Assignment
Exactly as written, output each record given below.

Exercise data
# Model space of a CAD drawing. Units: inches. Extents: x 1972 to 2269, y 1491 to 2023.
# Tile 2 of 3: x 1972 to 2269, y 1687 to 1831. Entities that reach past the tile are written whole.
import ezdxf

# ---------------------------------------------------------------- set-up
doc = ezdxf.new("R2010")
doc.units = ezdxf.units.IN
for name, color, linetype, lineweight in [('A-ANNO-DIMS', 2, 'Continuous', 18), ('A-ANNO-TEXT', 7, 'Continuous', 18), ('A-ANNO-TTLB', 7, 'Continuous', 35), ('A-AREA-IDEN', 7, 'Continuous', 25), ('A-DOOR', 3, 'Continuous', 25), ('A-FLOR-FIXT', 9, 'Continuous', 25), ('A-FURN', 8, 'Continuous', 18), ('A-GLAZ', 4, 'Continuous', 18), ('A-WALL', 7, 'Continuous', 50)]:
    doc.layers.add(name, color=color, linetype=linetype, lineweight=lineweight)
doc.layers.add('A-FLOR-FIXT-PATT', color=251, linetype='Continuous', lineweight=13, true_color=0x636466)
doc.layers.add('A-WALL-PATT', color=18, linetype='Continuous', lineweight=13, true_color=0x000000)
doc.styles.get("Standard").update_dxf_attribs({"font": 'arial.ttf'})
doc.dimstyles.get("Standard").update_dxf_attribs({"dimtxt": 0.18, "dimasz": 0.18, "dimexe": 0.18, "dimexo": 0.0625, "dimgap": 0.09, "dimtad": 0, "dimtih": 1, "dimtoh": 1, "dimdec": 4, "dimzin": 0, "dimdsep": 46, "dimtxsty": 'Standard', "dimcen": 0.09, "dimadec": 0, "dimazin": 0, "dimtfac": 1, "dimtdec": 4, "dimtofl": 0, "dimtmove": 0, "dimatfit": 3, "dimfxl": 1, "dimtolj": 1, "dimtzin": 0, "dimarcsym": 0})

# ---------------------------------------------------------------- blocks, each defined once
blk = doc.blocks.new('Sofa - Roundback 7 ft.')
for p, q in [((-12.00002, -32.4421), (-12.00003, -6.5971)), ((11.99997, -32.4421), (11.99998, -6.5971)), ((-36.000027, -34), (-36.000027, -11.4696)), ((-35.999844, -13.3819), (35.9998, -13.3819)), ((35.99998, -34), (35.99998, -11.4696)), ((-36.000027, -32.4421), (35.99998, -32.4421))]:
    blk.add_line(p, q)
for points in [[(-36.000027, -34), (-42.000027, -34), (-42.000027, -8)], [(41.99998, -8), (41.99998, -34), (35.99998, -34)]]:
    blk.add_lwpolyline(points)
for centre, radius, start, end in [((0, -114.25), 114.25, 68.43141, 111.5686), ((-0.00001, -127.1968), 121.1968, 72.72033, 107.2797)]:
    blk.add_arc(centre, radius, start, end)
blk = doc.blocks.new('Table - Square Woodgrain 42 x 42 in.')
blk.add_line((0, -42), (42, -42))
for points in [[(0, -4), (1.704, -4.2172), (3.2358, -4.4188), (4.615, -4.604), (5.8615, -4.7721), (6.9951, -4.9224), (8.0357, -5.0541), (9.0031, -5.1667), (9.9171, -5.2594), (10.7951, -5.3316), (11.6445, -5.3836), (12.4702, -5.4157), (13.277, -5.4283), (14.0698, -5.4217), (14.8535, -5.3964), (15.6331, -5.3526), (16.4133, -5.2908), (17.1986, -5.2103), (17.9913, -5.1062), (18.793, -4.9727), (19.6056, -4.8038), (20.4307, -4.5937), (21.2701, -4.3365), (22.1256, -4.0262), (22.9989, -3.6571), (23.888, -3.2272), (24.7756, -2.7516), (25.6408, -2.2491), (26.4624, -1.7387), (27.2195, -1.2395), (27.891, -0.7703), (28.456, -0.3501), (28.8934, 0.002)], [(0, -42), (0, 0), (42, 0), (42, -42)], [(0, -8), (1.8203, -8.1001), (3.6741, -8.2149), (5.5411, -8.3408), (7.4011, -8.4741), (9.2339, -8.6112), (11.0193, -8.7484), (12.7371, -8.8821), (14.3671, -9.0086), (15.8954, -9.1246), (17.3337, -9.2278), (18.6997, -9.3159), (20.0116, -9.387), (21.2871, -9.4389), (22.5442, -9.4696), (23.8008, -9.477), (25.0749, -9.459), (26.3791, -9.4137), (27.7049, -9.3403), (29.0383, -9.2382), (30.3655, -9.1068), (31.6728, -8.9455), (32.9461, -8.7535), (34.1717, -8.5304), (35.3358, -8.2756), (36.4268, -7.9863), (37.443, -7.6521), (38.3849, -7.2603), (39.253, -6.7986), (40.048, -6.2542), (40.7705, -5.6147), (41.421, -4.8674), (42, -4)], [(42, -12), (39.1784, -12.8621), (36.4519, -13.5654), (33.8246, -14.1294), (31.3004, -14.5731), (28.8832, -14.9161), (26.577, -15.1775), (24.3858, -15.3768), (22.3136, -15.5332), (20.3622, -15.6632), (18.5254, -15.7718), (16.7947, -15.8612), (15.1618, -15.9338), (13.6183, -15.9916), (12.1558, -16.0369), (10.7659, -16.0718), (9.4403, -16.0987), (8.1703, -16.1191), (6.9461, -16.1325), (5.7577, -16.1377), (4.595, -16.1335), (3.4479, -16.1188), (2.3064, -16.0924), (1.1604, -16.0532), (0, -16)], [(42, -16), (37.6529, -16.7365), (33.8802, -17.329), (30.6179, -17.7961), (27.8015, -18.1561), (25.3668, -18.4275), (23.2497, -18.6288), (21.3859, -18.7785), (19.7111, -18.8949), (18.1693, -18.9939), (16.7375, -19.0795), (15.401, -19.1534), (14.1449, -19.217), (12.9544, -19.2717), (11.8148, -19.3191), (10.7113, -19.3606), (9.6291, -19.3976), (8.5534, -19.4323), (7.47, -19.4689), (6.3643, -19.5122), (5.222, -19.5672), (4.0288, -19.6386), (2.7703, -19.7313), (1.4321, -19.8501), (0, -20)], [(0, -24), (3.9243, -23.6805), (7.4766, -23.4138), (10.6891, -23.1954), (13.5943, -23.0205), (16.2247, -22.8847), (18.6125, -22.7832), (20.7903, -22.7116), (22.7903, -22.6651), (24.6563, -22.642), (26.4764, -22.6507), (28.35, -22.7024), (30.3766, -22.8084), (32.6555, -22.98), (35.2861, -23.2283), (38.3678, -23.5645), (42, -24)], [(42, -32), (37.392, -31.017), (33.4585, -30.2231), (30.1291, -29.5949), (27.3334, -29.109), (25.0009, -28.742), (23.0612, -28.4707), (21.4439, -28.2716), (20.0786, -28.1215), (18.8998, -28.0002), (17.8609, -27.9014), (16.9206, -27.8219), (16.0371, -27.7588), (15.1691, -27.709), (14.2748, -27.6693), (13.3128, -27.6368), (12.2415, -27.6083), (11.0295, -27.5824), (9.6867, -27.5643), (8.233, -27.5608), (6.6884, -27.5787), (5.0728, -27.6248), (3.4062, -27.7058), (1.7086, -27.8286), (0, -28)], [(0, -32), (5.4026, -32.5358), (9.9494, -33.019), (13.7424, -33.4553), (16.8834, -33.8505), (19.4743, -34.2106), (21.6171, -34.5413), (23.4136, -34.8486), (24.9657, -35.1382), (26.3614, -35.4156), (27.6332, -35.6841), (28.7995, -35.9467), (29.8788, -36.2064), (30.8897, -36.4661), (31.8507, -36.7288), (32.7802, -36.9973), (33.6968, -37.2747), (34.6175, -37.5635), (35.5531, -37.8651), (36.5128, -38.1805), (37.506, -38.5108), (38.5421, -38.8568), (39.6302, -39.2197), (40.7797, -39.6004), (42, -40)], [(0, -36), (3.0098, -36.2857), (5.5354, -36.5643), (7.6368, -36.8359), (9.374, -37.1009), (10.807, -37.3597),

Output below
# Model space of a CAD drawing. Units: inches. Extents: x 1972 to 2269, y 1491 to 2023.
# Tile 2 of 3: x 1972 to 2269, y 1687 to 1831. Entities that reach past the tile are written whole.
import ezdxf

# ---------------------------------------------------------------- set-up
doc = ezdxf.new("R2010")
doc.units = ezdxf.units.IN
for name, color, linetype, lineweight in [('A-ANNO-DIMS', 2, 'Continuous', 18), ('A-ANNO-TEXT', 7, 'Continuous', 18), ('A-ANNO-TTLB', 7, 'Continuous', 35), ('A-AREA-IDEN', 7, 'Continuous', 25), ('A-DOOR', 3, 'Continuous', 25), ('A-FLOR-FIXT', 9, 'Continuous', 25), ('A-FURN', 8, 'Continuous', 18), ('A-GLAZ', 4, 'Continuous', 18), ('A-WALL', 7, 'Continuous', 50)]:
    doc.layers.add(name, color=color, linetype=linetype, lineweight=lineweight)
doc.layers.add('A-FLOR-FIXT-PATT', color=251, linetype='Continuous', lineweight=13, true_color=0x636466)
doc.layers.add('A-WALL-PATT', color=18, linetype='Continuous', lineweight=13, true_color=0x000000)
doc.styles.get("Standard").update_dxf_attribs({"font": 'arial.ttf'})
doc.dimstyles.get("Standard").update_dxf_attribs({"dimtxt": 0.18, "dimasz": 0.18, "dimexe": 0.18, "dimexo": 0.0625, "dimgap": 0.09, "dimtad": 0, "dimtih": 1, "dimtoh": 1, "dimdec": 4, "dimzin": 0, "dimdsep": 46, "dimtxsty": 'Standard', "dimcen": 0.09, "dimadec": 0, "dimazin": 0, "dimtfac": 1, "dimtdec": 4, "dimtofl": 0, "dimtmove": 0, "dimatfit": 3, "dimfxl": 1, "dimtolj": 1, "dimtzin": 0, "dimarcsym": 0})

# ---------------------------------------------------------------- blocks, each defined once
blk = doc.blocks.new('Sofa - Roundback 7 ft.')
for p, q in [((-12.00002, -32.4421), (-12.00003, -6.5971)), ((11.99997, -32.4421), (11.99998, -6.5971)), ((-36.000027, -34), (-36.000027, -11.4696)), ((-35.999844, -13.3819), (35.9998, -13.3819)), ((35.99998, -34), (35.99998, -11.4696)), ((-36.000027, -32.4421), (35.99998, -32.4421))]:
    blk.add_line(p, q)
for points in [[(-36.000027, -34), (-42.000027, -34), (-42.000027, -8)], [(41.99998, -8), (41.99998, -34), (35.99998, -34)]]:
    blk.add_lwpolyline(points)
for centre, radius, start, end in [((0, -114.25), 114.25, 68.43141, 111.5686), ((-0.00001, -127.1968), 121.1968, 72.72033, 107.2797)]:
    blk.add_arc(centre, radius, start, end)
blk = doc.blocks.new('Table - Square Woodgrain 42 x 42 in.')
blk.add_line((0, -42), (42, -42))
for points in [[(0, -4), (1.704, -4.2172), (3.2358, -4.4188), (4.615, -4.604), (5.8615, -4.7721), (6.9951, -4.9224), (8.0357, -5.0541), (9.0031, -5.1667), (9.9171, -5.2594), (10.7951, -5.3316), (11.6445, -5.3836), (12.4702, -5.4157), (13.277, -5.4283), (14.0698, -5.4217), (14.8535, -5.3964), (15.6331, -5.3526), (16.4133, -5.2908), (17.1986, -5.2103), (17.9913, -5.1062), (18.793, -4.9727), (19.6056, -4.8038), (20.4307, -4.5937), (21.2701, -4.3365), (22.1256, -4.0262), (22.9989, -3.6571), (23.888, -3.2272), (24.7756, -2.7516), (25.6408, -2.2491), (26.4624, -1.7387), (27.2195, -1.2395), (27.891, -0.7703), (28.456, -0.3501), (28.8934, 0.002)], [(0, -42), (0, 0), (42, 0), (42, -42)], [(0, -8), (1.8203, -8.1001), (3.6741, -8.2149), (5.5411, -8.3408), (7.4011, -8.4741), (9.2339, -8.6112), (11.0193, -8.7484), (12.7371, -8.8821), (14.3671, -9.0086), (15.8954, -9.1246), (17.3337, -9.2278), (18.6997, -9.3159), (20.0116, -9.387), (21.2871, -9.4389), (22.5442, -9.4696), (23.8008, -9.477), (25.0749, -9.459), (26.3791, -9.4137), (27.7049, -9.3403), (29.0383, -9.2382), (30.3655, -9.1068), (31.6728, -8.9455), (32.9461, -8.7535), (34.1717, -8.5304), (35.3358, -8.2756), (36.4268, -7.9863), (37.443, -7.6521), (38.3849, -7.2603), (39.253, -6.7986), (40.048, -6.2542), (40.7705, -5.6147), (41.421, -4.8674), (42, -4)], [(42, -12), (39.1784, -12.8621), (36.4519, -13.5654), (33.8246, -14.1294), (31.3004, -14.5731), (28.8832, -14.9161), (26.577, -15.1775), (24.3858, -15.3768), (22.3136, -15.5332), (20.3622, -15.6632), (18.5254, -15.7718), (16.7947, -15.8612), (15.1618, -15.9338), (13.6183, -15.9916), (12.1558, -16.0369), (10.7659, -16.0718), (9.4403, -16.0987), (8.1703, -16.1191), (6.9461, -16.1325), (5.7577, -16.1377), (4.595, -16.1335), (3.4479, -16.1188), (2.3064, -16.0924), (1.1604, -16.0532), (0, -16)], [(42, -16), (37.6529, -16.7365), (33.8802, -17.329), (30.6179, -17.7961), (27.8015, -18.1561), (25.3668, -18.4275), (23.2497, -18.6288), (21.3859, -18.7785), (19.7111, -18.8949), (18.1693, -18.9939), (16.7375, -19.0795), (15.401, -19.1534), (14.1449, -19.217), (12.9544, -19.2717), (11.8148, -19.3191), (10.7113, -19.3606), (9.6291, -19.3976), (8.5534, -19.4323), (7.47, -19.4689), (6.3643, -19.5122), (5.222, -19.5672), (4.0288, -19.6386), (2.7703, -19.7313), (1.4321, -19.8501), (0, -20)], [(0, -24), (3.9243, -23.6805), (7.4766, -23.4138), (10.6891, -23.1954), (13.5943, -23.0205), (16.2247, -22.8847), (18.6125, -22.7832), (20.7903, -22.7116), (22.7903, -22.6651), (24.6563, -22.642), (26.4764, -22.6507), (28.35, -22.7024), (30.3766, -22.8084), (32.6555, -22.98), (35.2861, -23.2283), (38.3678, -23.5645), (42, -24)], [(42, -32), (37.392, -31.017), (33.4585, -30.2231), (30.1291, -29.5949), (27.3334, -29.109), (25.0009, -28.742), (23.0612, -28.4707), (21.4439, -28.2716), (20.0786, -28.1215), (18.8998, -28.0002), (17.8609, -27.9014), (16.9206, -27.8219), (16.0371, -27.7588), (15.1691, -27.709), (14.2748, -27.6693), (13.3128, -27.6368), (12.2415, -27.6083), (11.0295, -27.5824), (9.6867, -27.5643), (8.233, -27.5608), (6.6884, -27.5787), (5.0728, -27.6248), (3.4062, -27.7058), (1.7086, -27.8286), (0, -28)], [(0, -32), (5.4026, -32.5358), (9.9494, -33.019), (13.7424, -33.4553), (16.8834, -33.8505), (19.4743, -34.2106), (21.6171, -34.5413), (23.4136, -34.8486), (24.9657, -35.1382), (26.3614, -35.4156), (27.6332, -35.6841), (28.7995, -35.9467), (29.8788, -36.2064), (30.8897, -36.4661), (31.8507, -36.7288), (32.7802, -36.9973), (33.6968, -37.2747), (34.6175, -37.5635), (35.5531, -37.8651), (36.5128, -38.1805), (37.506, -38.5108), (38.5421, -38.8568), (39.6302, -39.2197), (40.7797, -39.6004), (42, -40)], [(0, -36), (3.0098, -36.2857), (5.5354, -36.5643), (7.6368, -36.8359), (9.374, -37.1009), (10.807, -37.3597),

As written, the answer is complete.